◆ Exercise requirements
Only lines containing "IfcColumn" belong in the answer, each copied from the entries below.

* * * * * * *

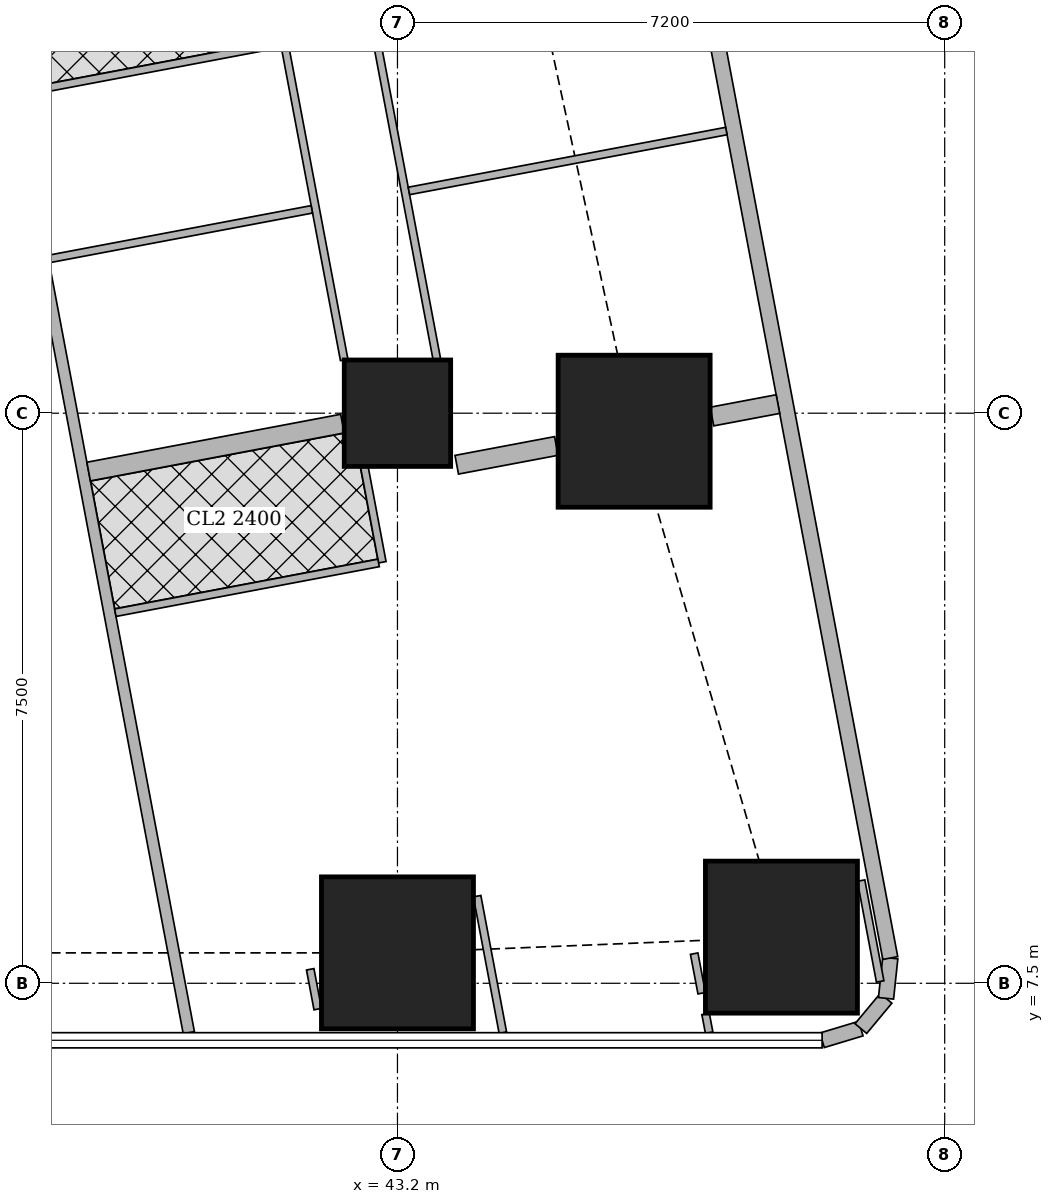
"""IFC4 building model, lengths in metres.
Left out: names, types, materials, properties, quantities, classifications, styles, units other than length and angle.
Written with IfcOpenShell. Run it as: python <this file> out.ifc"""

import sys

from ifc_helpers import new_model, si_unit, direction, frame, frame_2d, origin, origin_2d, place, context, subcontext, project, spatial, rectangle, extrude, element, fill, save


model = new_model("IFC4")
c1 = context("Model", 3, precision=1e-05, world=origin(), true_north=direction((0.0, 1.0)))
c2 = subcontext(c1, "Body", "Model", "MODEL_VIEW")
j1 = project(units=[si_unit("LENGTHUNIT", "METRE"), si_unit("PLANEANGLEUNIT", "RADIAN")], contexts=[c1])
p1 = place(None, origin())
s1 = spatial("IfcSite", under=j1, at=p1, CompositionType="ELEMENT")
p2 = place(p1, origin())
s2 = spatial("IfcBuilding", under=s1, at=p2, CompositionType="ELEMENT")
p3 = place(p2, frame((0.0, 0.0, 274.1)))
s3 = spatial("IfcBuildingStorey", under=s2, at=p3, CompositionType="ELEMENT", Elevation=274.1)
for number, where, z_axis, x_axis in (
    (1, (43.2, 7.9, 0.0), (0.0, 0.0, 1.0), (1.0, 0.0, 0.0)),
    (2, (48.252, 8.107, 0.0), (0.0, 0.0, 1.0), (1.0, 0.0, 0.0)),
):
    element("IfcColumn", number, at=place(p3, frame(where, z_axis=z_axis, x_axis=x_axis)), inside=s3, PredefinedType="COLUMN", context=c2, shape_type="SweptSolid", body=[
        extrude(rectangle(XDim=2.0, YDim=2.0, at=origin_2d()), origin(), (0.0, 0.0, 1.0), 3.75),
    ])
p4 = place(p3, frame((43.2, 15.0, 0.0), z_axis=(0.0, 0.0, 1.0), x_axis=(1.0, 0.0, 0.0)))
e3 = element("IfcColumn", 3, at=p4, inside=s3, PredefinedType="COLUMN", context=c2, shape_type="SweptSolid", body=[
    extrude(rectangle(XDim=1.4, YDim=1.4, at=origin_2d()), origin(), (0.0, 0.0, 1.0), 3.75),
])
p5 = place(p3, frame((46.314, 14.763, 0.0), z_axis=(0.0, 0.0, 1.0), x_axis=(1.0, 0.0, 0.0)))
e4 = element("IfcColumn", 4, at=p5, inside=s3, PredefinedType="COLUMN", context=c2, shape_type="SweptSolid", body=[
    extrude(rectangle(XDim=2.0, YDim=2.0, at=origin_2d()), origin(), (0.0, 0.0, 1.0), 3.75),
])
p6 = place(p3, frame((48.787, 6.75, 0.0), z_axis=(0.0, 0.0, 1.0), x_axis=(0.957282247819, 0.289155145225, 0.0)))
e5 = element("IfcWall", 5, at=p6, inside=s3, PredefinedType="SOLIDWALL", context=c2, shape_type="SweptSolid", body=[
    extrude(rectangle(XDim=0.533, YDim=0.2, at=frame_2d((0.266, 0.0))), origin(), (0.0, 0.0, 1.0), 3.5),
])
p7 = place(p3, frame((49.297, 6.904, 0.0), z_axis=(0.0, 0.0, 1.0), x_axis=(0.639255849474, 0.768994121508, 0.0)))
e6 = element("IfcWall", 6, at=p7, inside=s3, PredefinedType="SOLIDWALL", context=c2, shape_type="SweptSolid", body=[
    extrude(rectangle(XDim=0.518, YDim=0.2, at=frame_2d((0.259, 0.0))), origin(), (0.0, 0.0, 1.0), 3.5),
])
p8 = place(p3, frame((49.628, 7.302, 0.0), z_axis=(0.0, 0.0, 1.0), x_axis=(0.105352390132, 0.994434952068, 0.0)))
e7 = element("IfcWall", 7, at=p8, inside=s3, PredefinedType="SOLIDWALL", context=c2, shape_type="SweptSolid", body=[
    extrude(rectangle(XDim=0.533, YDim=0.2, at=frame_2d((0.267, 0.0))), origin(), (0.0, 0.0, 1.0), 3.5),
])
p9 = place(p3, frame((49.684, 7.832, 0.0), z_axis=(0.0, 0.0, 1.0), x_axis=(-0.185616669694, 0.982622232565, 0.0)))
e8 = element("IfcWall", 8, at=p9, inside=s3, PredefinedType="SOLIDWALL", context=c2, shape_type="SweptSolid", body=[
    extrude(rectangle(XDim=36.0, YDim=0.2, at=frame_2d((18.0, 0.0))), origin(), (0.0, 0.0, 1.0), 3.5),
])
p10 = place(p9, frame((2.518, 0.0, 0.9)))
e9 = element("IfcOpeningElement", 9, at=p10, cuts=e8, PredefinedType="OPENING", context=c2, shape_type="SweptSolid", body=[
    extrude(rectangle(XDim=2.4, YDim=1.5, at=frame_2d((1.2, 0.75))), frame((0.0, 0.11, 0.0), z_axis=(0.0, -1.0, 0.0), x_axis=(1.0, 0.0, 0.0)), (0.0, 0.0, 1.0), 0.22),
])
p11 = place(p9, frame((8.444, 0.0, 0.9)))
e10 = element("IfcOpeningElement", 10, at=p11, cuts=e8, PredefinedType="OPENING", context=c2, shape_type="SweptSolid", body=[
    extrude(rectangle(XDim=1.8, YDim=1.5, at=frame_2d((0.9, 0.75))), frame((0.0, 0.11, 0.0), z_axis=(0.0, -1.0, 0.0), x_axis=(1.0, 0.0, 0.0)), (0.0, 0.0, 1.0), 0.22),
])
p12 = place(p9, frame((12.261, 0.0, 0.9)))
e11 = element("IfcOpeningElement", 11, at=p12, cuts=e8, PredefinedType="OPENING", context=c2, shape_type="SweptSolid", body=[
    extrude(rectangle(XDim=1.8, YDim=1.5, at=frame_2d((0.9, 0.75))), frame((0.0, 0.11, 0.0), z_axis=(0.0, -1.0, 0.0), x_axis=(1.0, 0.0, 0.0)), (0.0, 0.0, 1.0), 0.22),
])
p13 = place(p9, frame((16.078, 0.0, 0.9)))
e12 = element("IfcOpeningElement", 12, at=p13, cuts=e8, PredefinedType="OPENING", context=c2, shape_type="SweptSolid", body=[
    extrude(rectangle(XDim=1.8, YDim=1.5, at=frame_2d((0.9, 0.75))), frame((0.0, 0.11, 0.0), z_axis=(0.0, -1.0, 0.0), x_axis=(1.0, 0.0, 0.0)), (0.0, 0.0, 1.0), 0.22),
])
p14 = place(p9, frame((19.894, 0.0, 0.9)))
e13 = element("IfcOpeningElement", 13, at=p14, cuts=e8, PredefinedType="OPENING", context=c2, shape_type="SweptSolid", body=[
    extrude(rectangle(XDim=1.8, YDim=1.5, at=frame_2d((0.9, 0.75))), frame((0.0, 0.11, 0.0), z_axis=(0.0, -1.0, 0.0), x_axis=(1.0, 0.0, 0.0)), (0.0, 0.0, 1.0), 0.22),
])
p15 = place(p9, frame((23.71, 0.0, 0.9)))
e14 = element("IfcOpeningElement", 14, at=p15, cuts=e8, PredefinedType="OPENING", context=c2, shape_type="SweptSolid", body=[
    extrude(rectangle(XDim=1.8, YDim=1.5, at=frame_2d((0.9, 0.75))), frame((0.0, 0.11, 0.0), z_axis=(0.0, -1.0, 0.0), x_axis=(1.0, 0.0, 0.0)), (0.0, 0.0, 1.0), 0.22),
])
p16 = place(p9, frame((27.526, 0.0, 0.9)))
e15 = element("IfcOpeningElement", 15, at=p16, cuts=e8, PredefinedType="OPENING", context=c2, shape_type="SweptSolid", body=[
    extrude(rectangle(XDim=1.8, YDim=1.5, at=frame_2d((0.9, 0.75))), frame((0.0, 0.11, 0.0), z_axis=(0.0, -1.0, 0.0), x_axis=(1.0, 0.0, 0.0)), (0.0, 0.0, 1.0), 0.22),
])
p17 = place(p9, frame((32.046, 0.0, 0.9)))
e16 = element("IfcOpeningElement", 16, at=p17, cuts=e8, PredefinedType="OPENING", context=c2, shape_type="SweptSolid", body=[
    extrude(rectangle(XDim=1.8, YDim=1.5, at=frame_2d((0.9, 0.75))), frame((0.0, 0.11, 0.0), z_axis=(0.0, -1.0, 0.0), x_axis=(1.0, 0.0, 0.0)), (0.0, 0.0, 1.0), 0.22),
])
p18 = place(p3, frame((33.781, 42.186, 0.0), z_axis=(0.0, 0.0, 1.0), x_axis=(0.185593518645, -0.9826266055, 0.0)))
e17 = element("IfcWall", 17, at=p18, inside=s3, PredefinedType="SOLIDWALL", context=c2, shape_type="SweptSolid", body=[
    extrude(rectangle(XDim=35.961, YDim=0.15, at=frame_2d((17.98, 0.0))), origin(), (0.0, 0.0, 1.0), 2.5),
])
p19 = place(p18, frame((11.76, 0.0, 0.0)))
e18 = element("IfcOpeningElement", 18, at=p19, cuts=e17, PredefinedType="OPENING", context=c2, shape_type="SweptSolid", body=[
    extrude(rectangle(XDim=1.0, YDim=2.1, at=frame_2d((0.5, 1.05))), frame((0.0, 0.085, 0.0), z_axis=(0.0, -1.0, 0.0), x_axis=(1.0, 0.0, 0.0)), (0.0, 0.0, 1.0), 0.17),
])
p20 = place(p18, frame((15.576, 0.0, 0.0)))
e19 = element("IfcOpeningElement", 19, at=p20, cuts=e17, PredefinedType="OPENING", context=c2, shape_type="SweptSolid", body=[
    extrude(rectangle(XDim=1.0, YDim=2.1, at=frame_2d((0.5, 1.05))), frame((0.0, 0.085, 0.0), z_axis=(0.0, -1.0, 0.0), x_axis=(1.0, 0.0, 0.0)), (0.0, 0.0, 1.0), 0.17),
])
p21 = place(p18, frame((30.502, 0.0, 0.0)))
e20 = element("IfcOpeningElement", 20, at=p21, cuts=e17, PredefinedType="OPENING", context=c2, shape_type="SweptSolid", body=[
    extrude(rectangle(XDim=1.0, YDim=2.1, at=frame_2d((0.5, 1.05))), frame((0.0, 0.085, 0.0), z_axis=(0.0, -1.0, 0.0), x_axis=(1.0, 0.0, 0.0)), (0.0, 0.0, 1.0), 0.17),
])
p22 = place(p3, frame((44.248, 8.646, 0.0), z_axis=(0.0, 0.0, 1.0), x_axis=(0.185417594585, -0.982659816833, 0.0)))
e21 = element("IfcWall", 21, at=p22, inside=s3, PredefinedType="PARTITIONING", context=c2, shape_type="SweptSolid", body=[
    extrude(rectangle(XDim=1.828, YDim=0.1, at=frame_2d((0.914, 0.0))), origin(), (0.0, 0.0, 1.0), 2.05),
])
p23 = place(p3, frame((42.151, 7.16, 0.0), z_axis=(0.0, 0.0, 1.0), x_axis=(-0.185366164644, 0.982669519729, 0.0)))
e22 = element("IfcWall", 22, at=p23, inside=s3, PredefinedType="PARTITIONING", context=c2, shape_type="SweptSolid", body=[
    extrude(rectangle(XDim=0.533, YDim=0.1, at=frame_2d((0.267, 0.0))), origin(), (0.0, 0.0, 1.0), 2.5),
])
p24 = place(p3, frame((49.3, 8.851, 0.0), z_axis=(0.0, 0.0, 1.0), x_axis=(0.18581620423, -0.982584519645, 0.0)))
e23 = element("IfcWall", 23, at=p24, inside=s3, PredefinedType="PARTITIONING", context=c2, shape_type="SweptSolid", body=[
    extrude(rectangle(XDim=1.351, YDim=0.1, at=frame_2d((0.675, 0.0))), origin(), (0.0, 0.0, 1.0), 3.5),
])
p25 = place(p3, frame((47.301, 6.85, 0.0), z_axis=(0.0, 0.0, 1.0), x_axis=(-0.187513903188, 0.982261948826, 0.0)))
e24 = element("IfcWall", 24, at=p25, inside=s3, PredefinedType="PARTITIONING", context=c2, shape_type="SweptSolid", body=[
    extrude(rectangle(XDim=0.251, YDim=0.1, at=frame_2d((0.125, 0.0))), origin(), (0.0, 0.0, 1.0), 3.5),
])
p26 = place(p3, frame((47.203, 7.369, 0.0), z_axis=(0.0, 0.0, 1.0), x_axis=(-0.186456243114, 0.982463266185, 0.0)))
e25 = element("IfcWall", 25, at=p26, inside=s3, PredefinedType="PARTITIONING", context=c2, shape_type="SweptSolid", body=[
    extrude(rectangle(XDim=0.53, YDim=0.1, at=frame_2d((0.265, 0.0))), origin(), (0.0, 0.0, 1.0), 2.05),
])
p27 = place(p3, frame((41.894, 25.366, 0.0), z_axis=(0.0, 0.0, 1.0), x_axis=(0.185612905165, -0.982622943675, 0.0)))
e26 = element("IfcWall", 26, at=p27, inside=s3, PredefinedType="PARTITIONING", context=c2, shape_type="SweptSolid", body=[
    extrude(rectangle(XDim=9.827, YDim=0.1, at=frame_2d((4.913, 0.0))), origin(), (0.0, 0.0, 1.0), 2.5),
])
p28 = place(p27, frame((0.151, 0.0, 0.0)))
e27 = element("IfcOpeningElement", 27, at=p28, cuts=e26, PredefinedType="OPENING", context=c2, shape_type="SweptSolid", body=[
    extrude(rectangle(XDim=0.9, YDim=2.1, at=frame_2d((0.45, 1.05))), frame((0.0, 0.06, 0.0), z_axis=(0.0, -1.0, 0.0), x_axis=(1.0, 0.0, 0.0)), (0.0, 0.0, 1.0), 0.12),
])
p29 = place(p27, frame((5.05, 0.0, 0.0)))
e28 = element("IfcOpeningElement", 28, at=p29, cuts=e26, PredefinedType="OPENING", context=c2, shape_type="SweptSolid", body=[
    extrude(rectangle(XDim=0.9, YDim=2.1, at=frame_2d((0.45, 1.05))), frame((0.0, 0.06, 0.0), z_axis=(0.0, -1.0, 0.0), x_axis=(1.0, 0.0, 0.0)), (0.0, 0.0, 1.0), 0.12),
])
p30 = place(p27, frame((7.783, 0.0, 0.0)))
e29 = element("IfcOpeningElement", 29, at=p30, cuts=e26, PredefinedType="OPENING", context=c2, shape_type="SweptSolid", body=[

* * * * * * *

◆ The answer
    element("IfcColumn", number, at=place(p3, frame(where, z_axis=z_axis, x_axis=x_axis)), inside=s3, PredefinedType="COLUMN", context=c2, shape_type="SweptSolid", body=[
e3 = element("IfcColumn", 3, at=p4, inside=s3, PredefinedType="COLUMN", context=c2, shape_type="SweptSolid", body=[
e4 = element("IfcColumn", 4, at=p5, inside=s3, PredefinedType="COLUMN", context=c2, shape_type="SweptSolid", body=[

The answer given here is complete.